* [Problem description] Transcribe the records below exactly as written, from the opening line through the line that contains "Q3. A tool of".
--- START ---
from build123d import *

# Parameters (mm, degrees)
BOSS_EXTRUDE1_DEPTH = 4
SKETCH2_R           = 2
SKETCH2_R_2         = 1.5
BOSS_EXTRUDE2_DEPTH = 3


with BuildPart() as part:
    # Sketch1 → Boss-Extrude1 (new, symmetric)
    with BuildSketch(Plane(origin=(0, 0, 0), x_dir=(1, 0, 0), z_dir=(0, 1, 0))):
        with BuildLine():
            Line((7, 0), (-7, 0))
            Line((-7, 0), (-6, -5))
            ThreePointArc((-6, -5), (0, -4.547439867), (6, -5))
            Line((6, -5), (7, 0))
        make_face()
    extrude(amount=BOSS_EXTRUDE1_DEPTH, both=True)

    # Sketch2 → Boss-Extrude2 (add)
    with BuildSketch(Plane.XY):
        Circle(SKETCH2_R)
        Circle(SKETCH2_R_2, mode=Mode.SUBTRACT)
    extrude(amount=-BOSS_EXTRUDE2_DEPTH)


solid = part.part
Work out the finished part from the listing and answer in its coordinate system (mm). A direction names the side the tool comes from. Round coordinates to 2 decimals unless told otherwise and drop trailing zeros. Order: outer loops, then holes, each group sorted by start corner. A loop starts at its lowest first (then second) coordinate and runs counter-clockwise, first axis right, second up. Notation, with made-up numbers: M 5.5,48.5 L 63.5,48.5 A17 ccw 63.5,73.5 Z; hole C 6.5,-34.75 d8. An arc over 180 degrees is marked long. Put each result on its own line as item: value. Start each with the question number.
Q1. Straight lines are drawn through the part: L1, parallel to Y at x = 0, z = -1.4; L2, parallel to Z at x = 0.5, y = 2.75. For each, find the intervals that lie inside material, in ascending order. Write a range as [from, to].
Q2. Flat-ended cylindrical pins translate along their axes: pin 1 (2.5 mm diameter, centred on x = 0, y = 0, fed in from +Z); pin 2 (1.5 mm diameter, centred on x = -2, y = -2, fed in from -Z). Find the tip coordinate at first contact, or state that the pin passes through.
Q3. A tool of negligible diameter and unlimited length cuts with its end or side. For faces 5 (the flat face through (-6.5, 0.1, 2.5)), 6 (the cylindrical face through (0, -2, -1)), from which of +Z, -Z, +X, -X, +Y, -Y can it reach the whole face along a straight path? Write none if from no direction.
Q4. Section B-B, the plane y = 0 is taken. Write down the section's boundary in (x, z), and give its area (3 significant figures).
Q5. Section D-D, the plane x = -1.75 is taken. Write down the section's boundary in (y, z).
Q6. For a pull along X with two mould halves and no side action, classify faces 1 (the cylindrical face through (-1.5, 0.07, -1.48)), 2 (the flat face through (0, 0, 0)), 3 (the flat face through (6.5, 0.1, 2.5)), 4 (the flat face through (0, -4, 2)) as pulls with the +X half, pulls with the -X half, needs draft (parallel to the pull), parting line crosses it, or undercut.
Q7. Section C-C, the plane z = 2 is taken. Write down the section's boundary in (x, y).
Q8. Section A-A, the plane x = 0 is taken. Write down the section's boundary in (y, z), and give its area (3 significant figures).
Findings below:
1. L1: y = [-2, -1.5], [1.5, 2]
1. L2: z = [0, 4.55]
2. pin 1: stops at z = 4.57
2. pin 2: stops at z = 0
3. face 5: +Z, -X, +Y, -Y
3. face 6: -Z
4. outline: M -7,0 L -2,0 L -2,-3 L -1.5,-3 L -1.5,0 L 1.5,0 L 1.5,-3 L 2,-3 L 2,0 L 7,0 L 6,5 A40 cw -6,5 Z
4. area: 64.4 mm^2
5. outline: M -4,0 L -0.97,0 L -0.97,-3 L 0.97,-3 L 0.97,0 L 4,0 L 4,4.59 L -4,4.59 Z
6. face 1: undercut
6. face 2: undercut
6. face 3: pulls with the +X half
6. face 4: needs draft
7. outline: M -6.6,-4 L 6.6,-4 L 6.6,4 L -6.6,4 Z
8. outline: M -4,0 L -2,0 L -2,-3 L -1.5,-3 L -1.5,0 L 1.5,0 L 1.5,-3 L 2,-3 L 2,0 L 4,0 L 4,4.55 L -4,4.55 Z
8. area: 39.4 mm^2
--- END ---
* [Output of the exercise]
from build123d import *

# Parameters (mm, degrees)
BOSS_EXTRUDE1_DEPTH = 4
SKETCH2_R           = 2
SKETCH2_R_2         = 1.5
BOSS_EXTRUDE2_DEPTH = 3


with BuildPart() as part:
    # Sketch1 → Boss-Extrude1 (new, symmetric)
    with BuildSketch(Plane(origin=(0, 0, 0), x_dir=(1, 0, 0), z_dir=(0, 1, 0))):
        with BuildLine():
            Line((7, 0), (-7, 0))
            Line((-7, 0), (-6, -5))
            ThreePointArc((-6, -5), (0, -4.547439867), (6, -5))
            Line((6, -5), (7, 0))
        make_face()
    extrude(amount=BOSS_EXTRUDE1_DEPTH, both=True)

    # Sketch2 → Boss-Extrude2 (add)
    with BuildSketch(Plane.XY):
        Circle(SKETCH2_R)
        Circle(SKETCH2_R_2, mode=Mode.SUBTRACT)
    extrude(amount=-BOSS_EXTRUDE2_DEPTH)


solid = part.part
Work out the finished part from the listing and answer in its coordinate system (mm). A direction names the side the tool comes from. Round coordinates to 2 decimals unless told otherwise and drop trailing zeros. Order: outer loops, then holes, each group sorted by start corner. A loop starts at its lowest first (then second) coordinate and runs counter-clockwise, first axis right, second up. Notation, with made-up numbers: M 5.5,48.5 L 63.5,48.5 A17 ccw 63.5,73.5 Z; hole C 6.5,-34.75 d8. An arc over 180 degrees is marked long. Put each result on its own line as item: value. Start each with the question number.
Q1. Straight lines are drawn through the part: L1, parallel to Y at x = 0, z = -1.4; L2, parallel to Z at x = 0.5, y = 2.75. For each, find the intervals that lie inside material, in ascending order. Write a range as [from, to].
Q2. Flat-ended cylindrical pins translate along their axes: pin 1 (2.5 mm diameter, centred on x = 0, y = 0, fed in from +Z); pin 2 (1.5 mm diameter, centred on x = -2, y = -2, fed in from -Z). Find the tip coordinate at first contact, or state that the pin passes through.
Q3. A tool of negligible diameter and unlimited length cuts with its end or side. For faces 5 (the flat face through (-6.5, 0.1, 2.5)), 6 (the cylindrical face through (0, -2, -1)), from which of +Z, -Z, +X, -X, +Y, -Y can it reach the whole face along a straight path? Write none if from no direction.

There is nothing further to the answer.